_WHAT THE EXERCISE ASKS_: Your reply should contain the whole listing below, repeated exactly, and no images.

_MATERIAL FOR THIS TASK_:

========

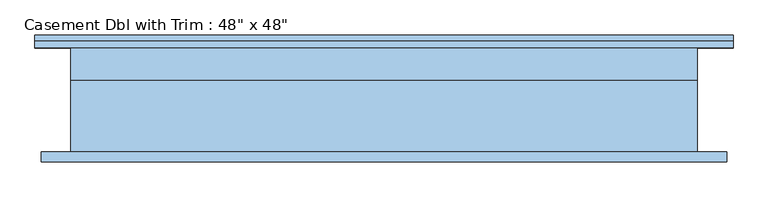
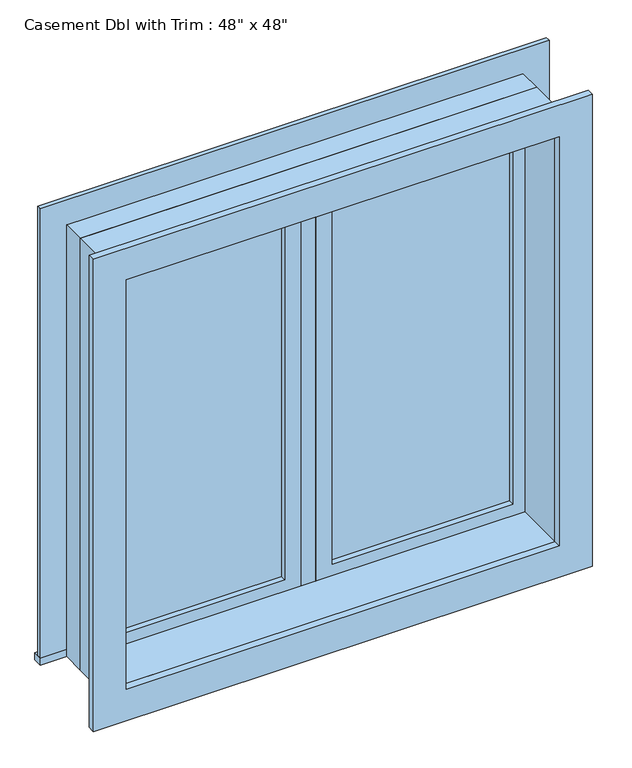
"""IFC4 building model written with IfcOpenShell, lengths in millimetres: window geometry."""

from ifc_helpers import new_model, si_unit, frame, origin, place, context, project, spatial, polyline, outline, extrude, source, transform, mapped, element, save


def window_0862ab64(model_context):
    return source(origin(), model_context, "Body", "SweptSolid", [
        extrude(outline(polyline([(63.5, 85.725), (546.1, 85.725), (546.1, 73.025), (63.5, 73.025), (63.5, 85.725)])), frame((0.0, 0.0, 977.9), z_axis=(0.0, 0.0, 1.0), x_axis=(1.0, 0.0, 0.0)), (0.0, 0.0, 1.0), 1092.2),
        extrude(outline(polyline([(2114.55, 19.05), (933.45, 19.05), (933.45, 590.55), (2114.55, 590.55), (2114.55, 19.05)]), holes=[polyline([(2070.1, 63.5), (2070.1, 546.1), (977.9, 546.1), (977.9, 63.5), (2070.1, 63.5)])]), frame((0.0, 57.15, 0.0), z_axis=(0.0, 1.0, 0.0), x_axis=(0.0, 0.0, 1.0)), (0.0, 0.0, 1.0), 44.45),
        extrude(outline(polyline([(19.05, 57.15), (-19.05, 57.15), (-19.05, 120.65), (19.05, 120.65), (19.05, 57.15)])), frame((0.0, 0.0, 933.45), z_axis=(0.0, 0.0, 1.0), x_axis=(1.0, 0.0, 0.0)), (0.0, 0.0, 1.0), 1181.1),
        extrude(outline(polyline([(-679.45, 146.05), (679.45, 146.05), (679.45, 120.65), (-679.45, 120.65), (-679.45, 146.05)])), frame((0.0, 0.0, 914.4), z_axis=(0.0, 0.0, 1.0), x_axis=(1.0, 0.0, 0.0)), (0.0, 0.0, 1.0), 19.05),
        extrude(outline(polyline([(2114.55, -590.55), (2114.55, 590.55), (933.45, 590.55), (933.45, 679.45), (2203.45, 679.45), (2203.45, -679.45), (933.45, -679.45), (933.45, -590.55), (2114.55, -590.55)])), frame((0.0, 120.65, 0.0), z_axis=(0.0, 1.0, 0.0), x_axis=(0.0, 0.0, 1.0)), (0.0, 0.0, 1.0), 12.7),
        extrude(outline(polyline([(2190.75, 666.75), (2190.75, -666.75), (857.25, -666.75), (857.25, 666.75), (2190.75, 666.75)]), holes=[polyline([(2101.85, 577.85), (946.15, 577.85), (946.15, -577.85), (2101.85, -577.85), (2101.85, 577.85)])]), frame((0.0, -101.6, 0.0), z_axis=(0.0, 1.0, 0.0), x_axis=(0.0, 0.0, 1.0)), (0.0, 0.0, 1.0), 19.05),
        extrude(outline(polyline([(-63.5, 73.025), (-546.1, 73.025), (-546.1, 85.725), (-63.5, 85.725), (-63.5, 73.025)])), frame((0.0, 0.0, 977.9), z_axis=(0.0, 0.0, 1.0), x_axis=(1.0, 0.0, 0.0)), (0.0, 0.0, 1.0), 1092.2),
        extrude(outline(polyline([(2114.55, -590.55), (933.45, -590.55), (933.45, -19.05), (2114.55, -19.05), (2114.55, -590.55)]), holes=[polyline([(2070.1, -546.1), (2070.1, -63.5), (977.9, -63.5), (977.9, -546.1), (2070.1, -546.1)])]), frame((0.0, 57.15, 0.0), z_axis=(0.0, 1.0, 0.0), x_axis=(0.0, 0.0, 1.0)), (0.0, 0.0, 1.0), 44.45),
        extrude(outline(polyline([(2133.6, -609.6), (914.4, -609.6), (914.4, 609.6), (2133.6, 609.6), (2133.6, -609.6)]), holes=[polyline([(2101.85, -577.85), (2101.85, 577.85), (946.15, 577.85), (946.15, -577.85), (2101.85, -577.85)])]), frame((0.0, -82.55, 0.0), z_axis=(0.0, 1.0, 0.0), x_axis=(0.0, 0.0, 1.0)), (0.0, 0.0, 1.0), 139.7),
        extrude(outline(polyline([(2133.6, 609.6), (2133.6, -609.6), (914.4, -609.6), (914.4, 609.6), (2133.6, 609.6)]), holes=[polyline([(2114.55, 590.55), (933.45, 590.55), (933.45, -590.55), (2114.55, -590.55), (2114.55, 590.55)])]), frame((0.0, 57.15, 0.0), z_axis=(0.0, 1.0, 0.0), x_axis=(0.0, 0.0, 1.0)), (0.0, 0.0, 1.0), 63.5),
    ])


if __name__ == "__main__":
    model = new_model("IFC4")
    model_context = context("Model", 3, world=origin())
    ifc_project = project(units=[si_unit("LENGTHUNIT", "METRE", prefix="MILLI")], contexts=[model_context])
    site = spatial("IfcSite", under=ifc_project)
    building = spatial("IfcBuilding", under=site)
    placement = place(None, origin())
    window_shape = window_0862ab64(model_context)
    element("IfcWindow", 1, ObjectType="Casement Dbl with Trim : 48\" x 48\"", at=placement, inside=building, context=model_context, shape_type="MappedRepresentation", body=[
        mapped(window_shape, transform((0.0, 0.0, 0.0), x_axis=(1.0, 0.0, 0.0), y_axis=(0.0, 1.0, 0.0), z_axis=(0.0, 0.0, 1.0))),
    ])
    save(model, "model.ifc")

# Revit data of these elements
# Type "Casement Dbl with Trim : 48\" x 48\""
#   Type Mark = "10"
#   Construction Type Id = "GSP4R"
#   Assembly Code = "B2020100"
#   Analytic Construction = "1/8 in Pilkington single glazing"
#   Visual Light Transmittance = 0.9
#   Solar Heat Gain Coefficient = 0.78
#   Heat Transfer Coefficient (U) = 0.6496 BTU/(h·ft²·°F)
#   Height = 4' - 0"
#   Default Sill Height = 3' - 0"
#   Trim Projection - Ext. = 0' - 0 1/2"
#   Trim Projection - Int. = 0' - 0 3/4"
#   Trim Width - Exterior = 0' - 3 1/2"
#   Trim Width - Interior = 0' - 3 1/2"
#   Width = 4' - 0"
#   Window Inset = 0' - 0 3/4"
#   Define Thermal Properties by = 1
#   Glass Pane Material = Glass
#   Sash Material = Sash
#   Trim Exterior Material = Trim
#   Trim Interior Material = Trim
#   Wall Closure = (empty or 0)
# Element 1 (IfcWindow, "Casement Dbl with Trim : 48\" x 48\"")
#   Materials on its faces: "Sash", "Trim", "Glass"
# Materials
#   "Glass": class "Glass", colour RGB 0 128 192, transparency 0.75, Description = "Soda Lime Glass", Cost = 0
#   "Sash": class "Wood", colour RGB 224 178 126, transparency 0
#   "Trim": class "Wood", colour RGB 224 178 126, transparency 0

========

_RESPONSE AREA_:
"""IFC4 building model written with IfcOpenShell, lengths in millimetres: window geometry."""

from ifc_helpers import new_model, si_unit, frame, origin, place, context, project, spatial, polyline, outline, extrude, source, transform, mapped, element, save


def window_0862ab64(model_context):
    return source(origin(), model_context, "Body", "SweptSolid", [
        extrude(outline(polyline([(63.5, 85.725), (546.1, 85.725), (546.1, 73.025), (63.5, 73.025), (63.5, 85.725)])), frame((0.0, 0.0, 977.9), z_axis=(0.0, 0.0, 1.0), x_axis=(1.0, 0.0, 0.0)), (0.0, 0.0, 1.0), 1092.2),
        extrude(outline(polyline([(2114.55, 19.05), (933.45, 19.05), (933.45, 590.55), (2114.55, 590.55), (2114.55, 19.05)]), holes=[polyline([(2070.1, 63.5), (2070.1, 546.1), (977.9, 546.1), (977.9, 63.5), (2070.1, 63.5)])]), frame((0.0, 57.15, 0.0), z_axis=(0.0, 1.0, 0.0), x_axis=(0.0, 0.0, 1.0)), (0.0, 0.0, 1.0), 44.45),
        extrude(outline(polyline([(19.05, 57.15), (-19.05, 57.15), (-19.05, 120.65), (19.05, 120.65), (19.05, 57.15)])), frame((0.0, 0.0, 933.45), z_axis=(0.0, 0.0, 1.0), x_axis=(1.0, 0.0, 0.0)), (0.0, 0.0, 1.0), 1181.1),
        extrude(outline(polyline([(-679.45, 146.05), (679.45, 146.05), (679.45, 120.65), (-679.45, 120.65), (-679.45, 146.05)])), frame((0.0, 0.0, 914.4), z_axis=(0.0, 0.0, 1.0), x_axis=(1.0, 0.0, 0.0)), (0.0, 0.0, 1.0), 19.05),
        extrude(outline(polyline([(2114.55, -590.55), (2114.55, 590.55), (933.45, 590.55), (933.45, 679.45), (2203.45, 679.45), (2203.45, -679.45), (933.45, -679.45), (933.45, -590.55), (2114.55, -590.55)])), frame((0.0, 120.65, 0.0), z_axis=(0.0, 1.0, 0.0), x_axis=(0.0, 0.0, 1.0)), (0.0, 0.0, 1.0), 12.7),
        extrude(outline(polyline([(2190.75, 666.75), (2190.75, -666.75), (857.25, -666.75), (857.25, 666.75), (2190.75, 666.75)]), holes=[polyline([(2101.85, 577.85), (946.15, 577.85), (946.15, -577.85), (2101.85, -577.85), (2101.85, 577.85)])]), frame((0.0, -101.6, 0.0), z_axis=(0.0, 1.0, 0.0), x_axis=(0.0, 0.0, 1.0)), (0.0, 0.0, 1.0), 19.05),
        extrude(outline(polyline([(-63.5, 73.025), (-546.1, 73.025), (-546.1, 85.725), (-63.5, 85.725), (-63.5, 73.025)])), frame((0.0, 0.0, 977.9), z_axis=(0.0, 0.0, 1.0), x_axis=(1.0, 0.0, 0.0)), (0.0, 0.0, 1.0), 1092.2),
        extrude(outline(polyline([(2114.55, -590.55), (933.45, -590.55), (933.45, -19.05), (2114.55, -19.05), (2114.55, -590.55)]), holes=[polyline([(2070.1, -546.1), (2070.1, -63.5), (977.9, -63.5), (977.9, -546.1), (2070.1, -546.1)])]), frame((0.0, 57.15, 0.0), z_axis=(0.0, 1.0, 0.0), x_axis=(0.0, 0.0, 1.0)), (0.0, 0.0, 1.0), 44.45),
        extrude(outline(polyline([(2133.6, -609.6), (914.4, -609.6), (914.4, 609.6), (2133.6, 609.6), (2133.6, -609.6)]), holes=[polyline([(2101.85, -577.85), (2101.85, 577.85), (946.15, 577.85), (946.15, -577.85), (2101.85, -577.85)])]), frame((0.0, -82.55, 0.0), z_axis=(0.0, 1.0, 0.0), x_axis=(0.0, 0.0, 1.0)), (0.0, 0.0, 1.0), 139.7),
        extrude(outline(polyline([(2133.6, 609.6), (2133.6, -609.6), (914.4, -609.6), (914.4, 609.6), (2133.6, 609.6)]), holes=[polyline([(2114.55, 590.55), (933.45, 590.55), (933.45, -590.55), (2114.55, -590.55), (2114.55, 590.55)])]), frame((0.0, 57.15, 0.0), z_axis=(0.0, 1.0, 0.0), x_axis=(0.0, 0.0, 1.0)), (0.0, 0.0, 1.0), 63.5),
    ])


if __name__ == "__main__":
    model = new_model("IFC4")
    model_context = context("Model", 3, world=origin())
    ifc_project = project(units=[si_unit("LENGTHUNIT", "METRE", prefix="MILLI")], contexts=[model_context])
    site = spatial("IfcSite", under=ifc_project)
    building = spatial("IfcBuilding", under=site)
    placement = place(None, origin())
    window_shape = window_0862ab64(model_context)
    element("IfcWindow", 1, ObjectType="Casement Dbl with Trim : 48\" x 48\"", at=placement, inside=building, context=model_context, shape_type="MappedRepresentation", body=[
        mapped(window_shape, transform((0.0, 0.0, 0.0), x_axis=(1.0, 0.0, 0.0), y_axis=(0.0, 1.0, 0.0), z_axis=(0.0, 0.0, 1.0))),
    ])
    save(model, "model.ifc")

# Revit data of these elements
# Type "Casement Dbl with Trim : 48\" x 48\""
#   Type Mark = "10"
#   Construction Type Id = "GSP4R"
#   Assembly Code = "B2020100"
#   Analytic Construction = "1/8 in Pilkington single glazing"
#   Visual Light Transmittance = 0.9
#   Solar Heat Gain Coefficient = 0.78
#   Heat Transfer Coefficient (U) = 0.6496 BTU/(h·ft²·°F)
#   Height = 4' - 0"
#   Default Sill Height = 3' - 0"
#   Trim Projection - Ext. = 0' - 0 1/2"
#   Trim Projection - Int. = 0' - 0 3/4"
#   Trim Width - Exterior = 0' - 3 1/2"
#   Trim Width - Interior = 0' - 3 1/2"
#   Width = 4' - 0"
#   Window Inset = 0' - 0 3/4"
#   Define Thermal Properties by = 1
#   Glass Pane Material = Glass
#   Sash Material = Sash
#   Trim Exterior Material = Trim
#   Trim Interior Material = Trim
#   Wall Closure = (empty or 0)
# Element 1 (IfcWindow, "Casement Dbl with Trim : 48\" x 48\"")
#   Materials on its faces: "Sash", "Trim", "Glass"
# Materials
#   "Glass": class "Glass", colour RGB 0 128 192, transparency 0.75, Description = "Soda Lime Glass", Cost = 0
#   "Sash": class "Wood", colour RGB 224 178 126, transparency 0
#   "Trim": class "Wood", colour RGB 224 178 126, transparency 0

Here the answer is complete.